What is expected –
Copy, in full, each line of the material that holds the word "CompositionType".
···
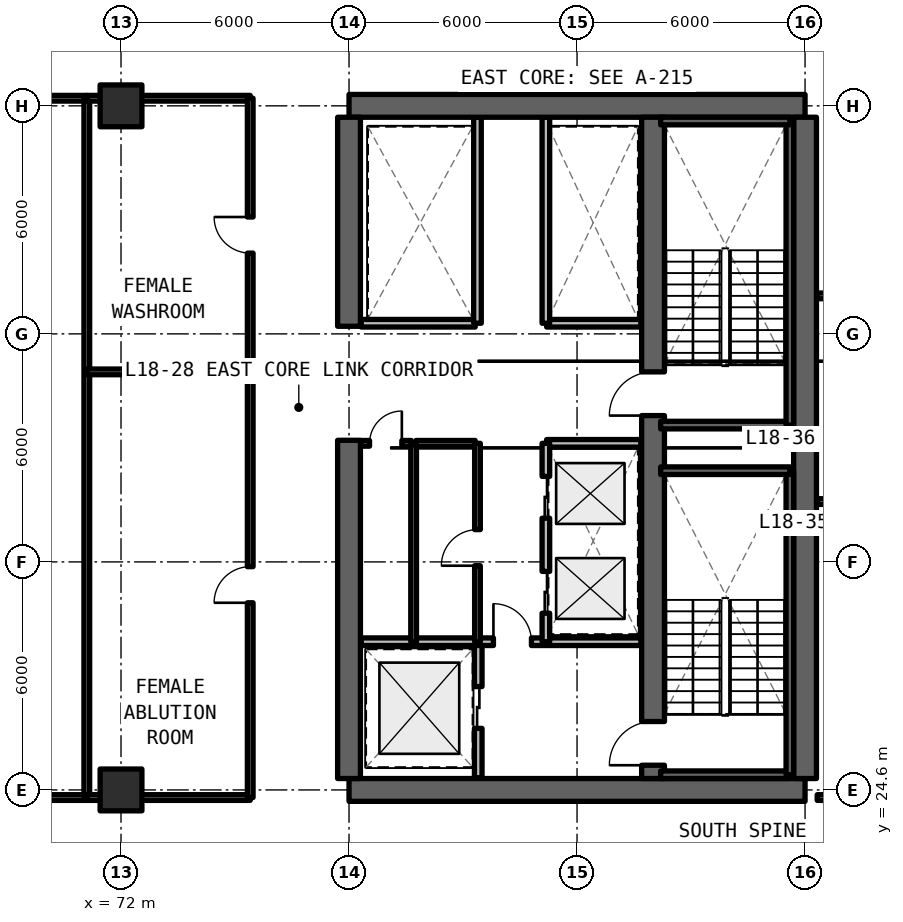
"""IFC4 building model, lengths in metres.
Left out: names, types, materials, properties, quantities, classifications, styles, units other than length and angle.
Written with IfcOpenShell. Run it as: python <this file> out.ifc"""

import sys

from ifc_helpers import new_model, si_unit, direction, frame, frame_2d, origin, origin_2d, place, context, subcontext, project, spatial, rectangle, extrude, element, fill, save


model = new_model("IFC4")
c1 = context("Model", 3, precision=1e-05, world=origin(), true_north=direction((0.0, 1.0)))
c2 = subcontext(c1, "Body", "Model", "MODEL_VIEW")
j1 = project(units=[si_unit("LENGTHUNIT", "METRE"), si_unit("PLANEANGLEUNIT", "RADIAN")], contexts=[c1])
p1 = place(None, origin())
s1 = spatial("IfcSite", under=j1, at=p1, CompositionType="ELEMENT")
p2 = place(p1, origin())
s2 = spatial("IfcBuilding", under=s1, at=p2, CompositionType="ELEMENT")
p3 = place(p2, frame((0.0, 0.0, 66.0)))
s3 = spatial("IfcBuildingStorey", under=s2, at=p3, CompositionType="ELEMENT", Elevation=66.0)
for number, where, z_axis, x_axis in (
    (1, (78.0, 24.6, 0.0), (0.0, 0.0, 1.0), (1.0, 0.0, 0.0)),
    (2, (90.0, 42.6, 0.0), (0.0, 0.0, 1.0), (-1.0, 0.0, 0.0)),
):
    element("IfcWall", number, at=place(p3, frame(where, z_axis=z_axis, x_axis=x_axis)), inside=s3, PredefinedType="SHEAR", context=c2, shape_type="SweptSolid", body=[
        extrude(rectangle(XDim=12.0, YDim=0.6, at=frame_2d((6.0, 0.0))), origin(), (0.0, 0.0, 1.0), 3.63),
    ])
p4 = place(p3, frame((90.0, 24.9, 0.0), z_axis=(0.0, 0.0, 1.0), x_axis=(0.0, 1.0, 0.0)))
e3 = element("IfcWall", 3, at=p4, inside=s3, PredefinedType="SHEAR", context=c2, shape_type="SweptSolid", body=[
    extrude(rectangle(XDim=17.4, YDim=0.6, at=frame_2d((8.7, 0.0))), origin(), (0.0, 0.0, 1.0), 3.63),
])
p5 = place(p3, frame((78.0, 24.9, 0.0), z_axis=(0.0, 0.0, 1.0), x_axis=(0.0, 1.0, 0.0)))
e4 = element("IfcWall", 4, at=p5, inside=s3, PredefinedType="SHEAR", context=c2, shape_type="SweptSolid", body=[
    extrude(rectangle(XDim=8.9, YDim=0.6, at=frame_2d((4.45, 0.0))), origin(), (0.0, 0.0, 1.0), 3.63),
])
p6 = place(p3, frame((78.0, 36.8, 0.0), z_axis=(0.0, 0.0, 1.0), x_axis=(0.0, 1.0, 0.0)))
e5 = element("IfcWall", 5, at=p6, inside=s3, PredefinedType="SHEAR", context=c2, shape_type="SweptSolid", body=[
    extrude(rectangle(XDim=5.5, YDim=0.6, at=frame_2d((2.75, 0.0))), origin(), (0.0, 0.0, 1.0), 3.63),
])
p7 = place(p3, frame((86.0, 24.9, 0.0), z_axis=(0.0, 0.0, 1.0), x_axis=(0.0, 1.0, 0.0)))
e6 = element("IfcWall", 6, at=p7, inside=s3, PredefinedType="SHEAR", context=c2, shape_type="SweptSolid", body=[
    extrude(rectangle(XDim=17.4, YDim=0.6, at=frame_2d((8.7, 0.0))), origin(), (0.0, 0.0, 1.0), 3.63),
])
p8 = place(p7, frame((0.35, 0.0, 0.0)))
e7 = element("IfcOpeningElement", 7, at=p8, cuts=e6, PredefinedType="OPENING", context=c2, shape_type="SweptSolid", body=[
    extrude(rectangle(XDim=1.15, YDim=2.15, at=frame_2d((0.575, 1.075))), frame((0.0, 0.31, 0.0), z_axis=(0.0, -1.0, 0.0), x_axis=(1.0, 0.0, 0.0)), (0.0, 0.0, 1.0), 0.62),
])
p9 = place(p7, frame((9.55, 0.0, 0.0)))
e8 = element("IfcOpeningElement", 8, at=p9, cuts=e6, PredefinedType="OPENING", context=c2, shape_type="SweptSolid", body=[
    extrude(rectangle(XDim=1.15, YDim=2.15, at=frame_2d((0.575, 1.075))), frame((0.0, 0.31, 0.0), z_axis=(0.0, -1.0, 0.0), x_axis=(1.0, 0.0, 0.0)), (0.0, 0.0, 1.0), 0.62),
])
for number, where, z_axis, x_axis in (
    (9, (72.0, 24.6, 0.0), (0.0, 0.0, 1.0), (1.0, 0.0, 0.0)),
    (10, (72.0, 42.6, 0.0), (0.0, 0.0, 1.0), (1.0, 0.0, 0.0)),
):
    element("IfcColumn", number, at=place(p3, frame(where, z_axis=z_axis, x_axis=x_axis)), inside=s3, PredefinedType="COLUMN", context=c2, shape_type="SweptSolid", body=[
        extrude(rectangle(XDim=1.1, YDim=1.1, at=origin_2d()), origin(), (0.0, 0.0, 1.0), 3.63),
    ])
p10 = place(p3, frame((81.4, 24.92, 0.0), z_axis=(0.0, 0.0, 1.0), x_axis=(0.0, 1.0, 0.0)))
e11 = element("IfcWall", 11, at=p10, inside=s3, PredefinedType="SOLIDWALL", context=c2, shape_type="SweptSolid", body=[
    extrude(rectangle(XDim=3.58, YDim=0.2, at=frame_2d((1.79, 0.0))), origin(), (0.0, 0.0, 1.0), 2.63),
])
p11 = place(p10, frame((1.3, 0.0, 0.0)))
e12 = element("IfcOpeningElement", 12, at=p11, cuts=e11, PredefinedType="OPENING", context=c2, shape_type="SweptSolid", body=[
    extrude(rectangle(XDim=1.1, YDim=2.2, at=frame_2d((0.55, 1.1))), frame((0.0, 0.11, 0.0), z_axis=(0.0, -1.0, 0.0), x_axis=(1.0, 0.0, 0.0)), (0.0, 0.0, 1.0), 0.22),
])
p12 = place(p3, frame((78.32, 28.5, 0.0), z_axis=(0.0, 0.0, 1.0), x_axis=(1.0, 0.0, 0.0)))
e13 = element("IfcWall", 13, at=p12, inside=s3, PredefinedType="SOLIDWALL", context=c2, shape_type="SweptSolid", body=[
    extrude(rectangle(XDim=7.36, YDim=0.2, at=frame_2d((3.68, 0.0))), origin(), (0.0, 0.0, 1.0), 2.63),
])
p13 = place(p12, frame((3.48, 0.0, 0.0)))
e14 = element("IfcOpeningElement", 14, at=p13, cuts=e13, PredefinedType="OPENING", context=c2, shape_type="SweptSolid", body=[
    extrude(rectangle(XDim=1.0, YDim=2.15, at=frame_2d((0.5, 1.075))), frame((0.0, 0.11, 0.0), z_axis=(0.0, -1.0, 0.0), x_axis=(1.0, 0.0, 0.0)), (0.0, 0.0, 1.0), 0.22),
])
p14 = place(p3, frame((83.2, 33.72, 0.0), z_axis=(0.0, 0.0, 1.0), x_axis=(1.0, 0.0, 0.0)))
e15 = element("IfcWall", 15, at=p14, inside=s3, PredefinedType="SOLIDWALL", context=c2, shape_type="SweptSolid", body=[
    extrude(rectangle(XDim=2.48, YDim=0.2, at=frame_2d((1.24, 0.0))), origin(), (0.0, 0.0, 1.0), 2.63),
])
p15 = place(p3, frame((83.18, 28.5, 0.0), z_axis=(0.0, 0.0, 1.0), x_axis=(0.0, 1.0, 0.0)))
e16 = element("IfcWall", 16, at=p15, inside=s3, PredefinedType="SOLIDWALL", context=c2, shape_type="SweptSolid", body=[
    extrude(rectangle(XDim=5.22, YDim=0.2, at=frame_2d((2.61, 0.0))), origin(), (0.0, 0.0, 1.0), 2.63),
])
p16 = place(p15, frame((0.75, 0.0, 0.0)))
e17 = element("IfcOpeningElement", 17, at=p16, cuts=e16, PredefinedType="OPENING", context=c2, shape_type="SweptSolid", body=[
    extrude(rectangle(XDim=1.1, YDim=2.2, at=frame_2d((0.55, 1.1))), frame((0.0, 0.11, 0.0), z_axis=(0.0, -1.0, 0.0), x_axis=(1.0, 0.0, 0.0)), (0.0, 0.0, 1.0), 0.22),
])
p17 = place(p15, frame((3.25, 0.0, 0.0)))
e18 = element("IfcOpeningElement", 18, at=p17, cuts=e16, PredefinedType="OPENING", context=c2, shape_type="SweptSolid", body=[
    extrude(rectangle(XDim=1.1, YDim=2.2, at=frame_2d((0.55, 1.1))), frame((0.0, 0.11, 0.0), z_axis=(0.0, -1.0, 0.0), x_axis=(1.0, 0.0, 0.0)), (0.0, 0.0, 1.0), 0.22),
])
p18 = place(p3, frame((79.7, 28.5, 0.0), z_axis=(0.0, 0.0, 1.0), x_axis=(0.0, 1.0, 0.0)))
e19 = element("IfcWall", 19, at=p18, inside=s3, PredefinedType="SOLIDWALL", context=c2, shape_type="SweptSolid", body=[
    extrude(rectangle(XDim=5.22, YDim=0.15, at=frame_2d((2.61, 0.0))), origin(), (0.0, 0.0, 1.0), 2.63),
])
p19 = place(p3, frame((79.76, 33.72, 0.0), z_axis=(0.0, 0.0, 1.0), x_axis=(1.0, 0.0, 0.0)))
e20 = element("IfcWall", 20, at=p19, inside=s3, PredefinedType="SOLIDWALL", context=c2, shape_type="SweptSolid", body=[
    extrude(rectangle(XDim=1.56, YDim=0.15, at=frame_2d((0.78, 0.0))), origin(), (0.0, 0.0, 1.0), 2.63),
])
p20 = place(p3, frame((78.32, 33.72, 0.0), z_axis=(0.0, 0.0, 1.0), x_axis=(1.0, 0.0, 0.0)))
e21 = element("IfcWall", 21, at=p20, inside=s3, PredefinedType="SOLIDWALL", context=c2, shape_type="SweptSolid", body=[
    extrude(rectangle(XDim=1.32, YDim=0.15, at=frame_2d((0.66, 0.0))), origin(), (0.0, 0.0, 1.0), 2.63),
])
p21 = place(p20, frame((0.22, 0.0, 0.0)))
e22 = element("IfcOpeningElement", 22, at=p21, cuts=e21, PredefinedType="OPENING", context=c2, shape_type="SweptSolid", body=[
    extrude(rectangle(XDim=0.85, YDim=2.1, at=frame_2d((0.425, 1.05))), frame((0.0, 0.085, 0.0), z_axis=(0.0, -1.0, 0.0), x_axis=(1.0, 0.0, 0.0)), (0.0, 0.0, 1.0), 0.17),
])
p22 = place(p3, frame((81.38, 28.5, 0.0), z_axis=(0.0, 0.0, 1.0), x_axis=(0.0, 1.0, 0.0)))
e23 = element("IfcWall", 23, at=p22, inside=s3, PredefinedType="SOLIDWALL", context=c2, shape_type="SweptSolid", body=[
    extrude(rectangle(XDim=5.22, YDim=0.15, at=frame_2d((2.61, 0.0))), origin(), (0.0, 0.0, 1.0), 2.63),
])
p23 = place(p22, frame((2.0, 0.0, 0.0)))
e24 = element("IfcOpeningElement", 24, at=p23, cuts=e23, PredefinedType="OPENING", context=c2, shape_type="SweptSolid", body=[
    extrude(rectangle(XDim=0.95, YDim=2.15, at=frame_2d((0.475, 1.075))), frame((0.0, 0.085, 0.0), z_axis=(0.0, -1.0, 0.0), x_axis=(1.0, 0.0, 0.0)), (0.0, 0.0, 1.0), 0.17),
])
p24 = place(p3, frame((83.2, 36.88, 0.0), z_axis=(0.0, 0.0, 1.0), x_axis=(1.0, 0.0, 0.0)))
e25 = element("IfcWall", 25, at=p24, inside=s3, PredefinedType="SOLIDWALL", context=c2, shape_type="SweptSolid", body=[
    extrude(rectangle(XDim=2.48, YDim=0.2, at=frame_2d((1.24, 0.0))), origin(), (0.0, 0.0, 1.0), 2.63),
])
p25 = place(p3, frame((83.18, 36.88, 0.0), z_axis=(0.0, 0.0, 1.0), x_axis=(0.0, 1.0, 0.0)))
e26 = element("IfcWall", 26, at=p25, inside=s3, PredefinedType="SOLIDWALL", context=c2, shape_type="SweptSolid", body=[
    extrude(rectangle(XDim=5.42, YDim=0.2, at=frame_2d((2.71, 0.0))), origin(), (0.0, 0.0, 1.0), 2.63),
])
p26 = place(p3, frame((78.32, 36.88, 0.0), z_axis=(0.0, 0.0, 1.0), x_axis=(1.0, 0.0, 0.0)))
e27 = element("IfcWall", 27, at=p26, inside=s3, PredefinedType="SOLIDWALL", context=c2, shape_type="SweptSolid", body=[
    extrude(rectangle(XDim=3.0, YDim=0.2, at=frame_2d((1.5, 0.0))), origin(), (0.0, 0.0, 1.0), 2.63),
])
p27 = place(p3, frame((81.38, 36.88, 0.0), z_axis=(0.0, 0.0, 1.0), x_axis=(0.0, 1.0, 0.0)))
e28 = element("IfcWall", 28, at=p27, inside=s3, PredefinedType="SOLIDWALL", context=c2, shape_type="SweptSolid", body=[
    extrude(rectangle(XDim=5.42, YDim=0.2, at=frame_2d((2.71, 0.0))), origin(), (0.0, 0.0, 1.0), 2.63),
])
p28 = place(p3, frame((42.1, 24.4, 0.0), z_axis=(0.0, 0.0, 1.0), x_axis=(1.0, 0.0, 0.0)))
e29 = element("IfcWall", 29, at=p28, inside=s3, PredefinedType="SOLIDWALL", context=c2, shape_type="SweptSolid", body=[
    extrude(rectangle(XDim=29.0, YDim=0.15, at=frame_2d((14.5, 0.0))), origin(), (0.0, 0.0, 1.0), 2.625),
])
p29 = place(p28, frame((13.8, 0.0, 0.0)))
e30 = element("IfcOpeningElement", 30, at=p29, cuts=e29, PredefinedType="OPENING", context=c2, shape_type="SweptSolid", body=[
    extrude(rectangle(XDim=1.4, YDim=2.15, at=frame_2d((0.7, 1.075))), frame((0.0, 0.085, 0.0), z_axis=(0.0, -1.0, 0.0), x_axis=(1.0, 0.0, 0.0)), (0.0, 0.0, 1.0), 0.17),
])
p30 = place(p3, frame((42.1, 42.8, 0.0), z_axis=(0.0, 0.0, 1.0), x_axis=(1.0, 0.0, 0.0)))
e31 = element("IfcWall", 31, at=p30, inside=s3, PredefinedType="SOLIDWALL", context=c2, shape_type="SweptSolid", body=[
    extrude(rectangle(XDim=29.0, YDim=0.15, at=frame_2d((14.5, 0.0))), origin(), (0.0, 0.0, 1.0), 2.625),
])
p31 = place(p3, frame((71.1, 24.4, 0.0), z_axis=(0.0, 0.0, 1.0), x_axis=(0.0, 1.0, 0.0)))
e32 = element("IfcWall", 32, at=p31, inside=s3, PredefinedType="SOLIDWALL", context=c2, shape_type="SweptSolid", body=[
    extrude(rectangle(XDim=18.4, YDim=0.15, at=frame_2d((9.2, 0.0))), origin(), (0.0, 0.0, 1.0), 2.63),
···
Output of the exercise –
s1 = spatial("IfcSite", under=j1, at=p1, CompositionType="ELEMENT")
s2 = spatial("IfcBuilding", under=s1, at=p2, CompositionType="ELEMENT")
s3 = spatial("IfcBuildingStorey", under=s2, at=p3, CompositionType="ELEMENT", Elevation=66.0)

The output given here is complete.